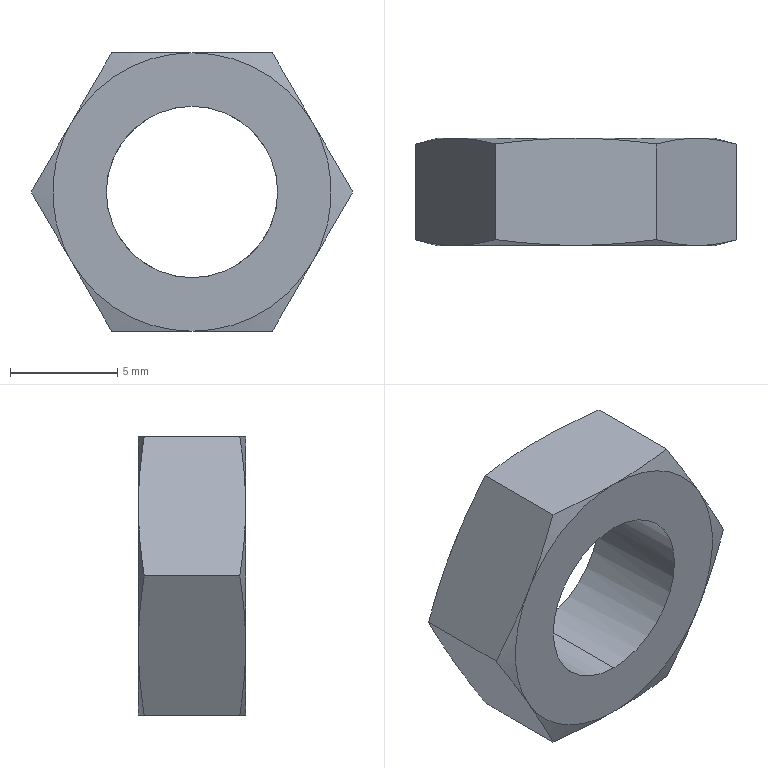Component | SolidWorks | HandlingMechanism-2_CDU25-40A-A93(0_0)-2_4..050.63-1 | 1 solid | 22 faces | box 15.01 x 5 x 13 mm | volume 478 mm3 | cone 12 | plane 8 | cylinder 2 | commonest cylinder face diameters 8 x2
STEP:
#1=CARTESIAN_POINT('',(1.019,4.705,5.787));
#2=VERTEX_POINT('',#1);
#3=CARTESIAN_POINT('',(1.019,4.705,6.102));
#4=VERTEX_POINT('',#3);
#5=CARTESIAN_POINT('',(1.019,4.705,5.945));
#6=DIRECTION('',(0.,1.,-0.));
#7=DIRECTION('',(0.,0.,1.));
#8=AXIS2_PLACEMENT_3D('',#5,#6,#7);
#9=CIRCLE('',#8,0.1575);
#10=EDGE_CURVE('',#2,#4,#9,.T.);
#11=ORIENTED_EDGE('',*,*,#10,.F.);
#12=CARTESIAN_POINT('',(1.019,4.902,5.787));
#13=VERTEX_POINT('',#12);
#14=CARTESIAN_POINT('',(1.019,4.705,5.787));
#15=DIRECTION('',(0.,1.,-0.));
#16=VECTOR('',#15,39.37);
#17=LINE('',#14,#16);
#18=EDGE_CURVE('',#2,#13,#17,.T.);
#19=ORIENTED_EDGE('',*,*,#18,.T.);
#20=CARTESIAN_POINT('',(1.019,4.902,6.102));
#21=VERTEX_POINT('',#20);
#22=CARTESIAN_POINT('',(1.019,4.902,5.787));
#23=CARTESIAN_POINT('',(0.9983,4.902,5.787));
#24=CARTESIAN_POINT('',(0.9777,4.902,5.792));
#25=CARTESIAN_POINT('',(0.9396,4.902,5.807));
#26=CARTESIAN_POINT('',(0.9221,4.902,5.819));
#27=CARTESIAN_POINT('',(0.893,4.902,5.848));
#28=CARTESIAN_POINT('',(0.8813,4.902,5.866));
#29=CARTESIAN_POINT('',(0.8655,4.902,5.904));
#30=CARTESIAN_POINT('',(0.8614,4.902,5.924));
#31=CARTESIAN_POINT('',(0.8614,4.902,5.965));
#32=CARTESIAN_POINT('',(0.8655,4.902,5.986));
#33=CARTESIAN_POINT('',(0.8813,4.902,6.024));
#34=CARTESIAN_POINT('',(0.893,4.902,6.042));
#35=CARTESIAN_POINT('',(0.9221,4.902,6.071));
#36=CARTESIAN_POINT('',(0.9396,4.902,6.082));
#37=CARTESIAN_POINT('',(0.9777,4.902,6.098));
#38=CARTESIAN_POINT('',(0.9983,4.902,6.102));
#39=CARTESIAN_POINT('',(1.019,4.902,6.102));
#40=B_SPLINE_CURVE_WITH_KNOTS('',3,(#22,#23,#24,#25,#26,#27,#28,#29,#30,#31,#32,#33,#34,#35,#36,#37,#38,#39),.UNSPECIFIED.,.F.,.F.,(4,2,2,2,2,2,2,2,4),(0.5,0.5625,0.625,0.6875,0.75,0.8125,0.875,0.9375,1.),.UNSPECIFIED.);
#41=EDGE_CURVE('',#13,#21,#40,.T.);
#42=ORIENTED_EDGE('',*,*,#41,.T.);
#43=CARTESIAN_POINT('',(1.019,4.705,6.102));
#44=DIRECTION('',(0.,1.,-0.));
#45=VECTOR('',#44,39.37);
#46=LINE('',#43,#45);
#47=EDGE_CURVE('',#4,#21,#46,.T.);
#48=ORIENTED_EDGE('',*,*,#47,.F.);
#49=EDGE_LOOP('',(#11,#19,#42,#48));
#50=FACE_OUTER_BOUND('',#49,.T.);
#51=CARTESIAN_POINT('',(1.019,4.705,5.945));
#52=DIRECTION('',(0.,1.,-0.));
#53=DIRECTION('',(0.,0.,1.));
#54=AXIS2_PLACEMENT_3D('',#51,#52,#53);
#55=CYLINDRICAL_SURFACE('',#54,0.1575);
#56=ADVANCED_FACE('',(#50),#55,.F.);
#57=CARTESIAN_POINT('',(1.019,4.705,5.945));
#58=DIRECTION('',(0.,1.,-0.));
#59=DIRECTION('',(0.,0.,1.));
#60=AXIS2_PLACEMENT_3D('',#57,#58,#59);
#61=CIRCLE('',#60,0.1575);
#62=EDGE_CURVE('',#4,#2,#61,.T.);
#63=ORIENTED_EDGE('',*,*,#62,.T.);
#64=ORIENTED_EDGE('',*,*,#10,.T.);
#65=EDGE_LOOP('',(#63,#64));
#66=FACE_BOUND('',#65,.T.);
#67=CARTESIAN_POINT('',(1.019,4.705,5.689));
#68=VERTEX_POINT('',#67);
#69=CARTESIAN_POINT('',(1.241,4.705,5.817));
#70=VERTEX_POINT('',#69);
#71=CARTESIAN_POINT('',(1.019,4.705,5.945));
#72=DIRECTION('',(-0.,-1.,0.));
#73=DIRECTION('',(0.,0.,1.));
#74=AXIS2_PLACEMENT_3D('',#71,#72,#73);
#75=CIRCLE('',#74,0.2559);
#76=EDGE_CURVE('',#68,#70,#75,.T.);
#77=ORIENTED_EDGE('',*,*,#76,.T.);
#78=CARTESIAN_POINT('',(1.241,4.705,6.073));
#79=VERTEX_POINT('',#78);
#80=CARTESIAN_POINT('',(1.019,4.705,5.945));
#81=DIRECTION('',(-0.,-1.,0.));
#82=DIRECTION('',(-0.,0.,1.));
#83=AXIS2_PLACEMENT_3D('',#80,#81,#82);
#84=CIRCLE('',#83,0.2559);
#85=EDGE_CURVE('',#70,#79,#84,.T.);
#86=ORIENTED_EDGE('',*,*,#85,.T.);
#87=CARTESIAN_POINT('',(1.019,4.705,6.201));
#88=VERTEX_POINT('',#87);
#89=CARTESIAN_POINT('',(1.019,4.705,5.945));
#90=DIRECTION('',(-0.,-1.,0.));
#91=DIRECTION('',(0.,0.,1.));
#92=AXIS2_PLACEMENT_3D('',#89,#90,#91);
#93=CIRCLE('',#92,0.2559);
#94=EDGE_CURVE('',#79,#88,#93,.T.);
#95=ORIENTED_EDGE('',*,*,#94,.T.);
#96=CARTESIAN_POINT('',(0.7973,4.705,6.073));
#97=VERTEX_POINT('',#96);
#98=CARTESIAN_POINT('',(1.019,4.705,5.945));
#99=DIRECTION('',(-0.,-1.,0.));
#100=DIRECTION('',(0.,0.,1.));
#101=AXIS2_PLACEMENT_3D('',#98,#99,#100);
#102=CIRCLE('',#101,0.2559);
#103=EDGE_CURVE('',#88,#97,#102,.T.);
#104=ORIENTED_EDGE('',*,*,#103,.T.);
#105=CARTESIAN_POINT('',(0.7973,4.705,5.817));
#106=VERTEX_POINT('',#105);
#107=CARTESIAN_POINT('',(1.019,4.705,5.945));
#108=DIRECTION('',(-0.,-1.,0.));
#109=DIRECTION('',(-0.,0.,1.));
#110=AXIS2_PLACEMENT_3D('',#107,#108,#109);
#111=CIRCLE('',#110,0.2559);
#112=EDGE_CURVE('',#97,#106,#111,.T.);
#113=ORIENTED_EDGE('',*,*,#112,.T.);
#114=CARTESIAN_POINT('',(1.019,4.705,5.945));
#115=DIRECTION('',(-0.,-1.,0.));
#116=DIRECTION('',(0.,0.,1.));
#117=AXIS2_PLACEMENT_3D('',#114,#115,#116);
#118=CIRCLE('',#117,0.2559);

++++++++++++++++++++

* _EXERCISE OBJECTIVE_: Your answer should be the lines of the listing above between the line holding "#2=VERTEX_POINT('',#1);" and the line holding "#31=CARTESIAN_POINT('',(0.8614,4.902,5.965));", inclusive, restated word for word and alone.

* _RESPONSE FOR THIS EXERCISE_:
#2=VERTEX_POINT('',#1);
#3=CARTESIAN_POINT('',(1.019,4.705,6.102));
#4=VERTEX_POINT('',#3);
#5=CARTESIAN_POINT('',(1.019,4.705,5.945));
#6=DIRECTION('',(0.,1.,-0.));
#7=DIRECTION('',(0.,0.,1.));
#8=AXIS2_PLACEMENT_3D('',#5,#6,#7);
#9=CIRCLE('',#8,0.1575);
#10=EDGE_CURVE('',#2,#4,#9,.T.);
#11=ORIENTED_EDGE('',*,*,#10,.F.);
#12=CARTESIAN_POINT('',(1.019,4.902,5.787));
#13=VERTEX_POINT('',#12);
#14=CARTESIAN_POINT('',(1.019,4.705,5.787));
#15=DIRECTION('',(0.,1.,-0.));
#16=VECTOR('',#15,39.37);
#17=LINE('',#14,#16);
#18=EDGE_CURVE('',#2,#13,#17,.T.);
#19=ORIENTED_EDGE('',*,*,#18,.T.);
#20=CARTESIAN_POINT('',(1.019,4.902,6.102));
#21=VERTEX_POINT('',#20);
#22=CARTESIAN_POINT('',(1.019,4.902,5.787));
#23=CARTESIAN_POINT('',(0.9983,4.902,5.787));
#24=CARTESIAN_POINT('',(0.9777,4.902,5.792));
#25=CARTESIAN_POINT('',(0.9396,4.902,5.807));
#26=CARTESIAN_POINT('',(0.9221,4.902,5.819));
#27=CARTESIAN_POINT('',(0.893,4.902,5.848));
#28=CARTESIAN_POINT('',(0.8813,4.902,5.866));
#29=CARTESIAN_POINT('',(0.8655,4.902,5.904));
#30=CARTESIAN_POINT('',(0.8614,4.902,5.924));
#31=CARTESIAN_POINT('',(0.8614,4.902,5.965));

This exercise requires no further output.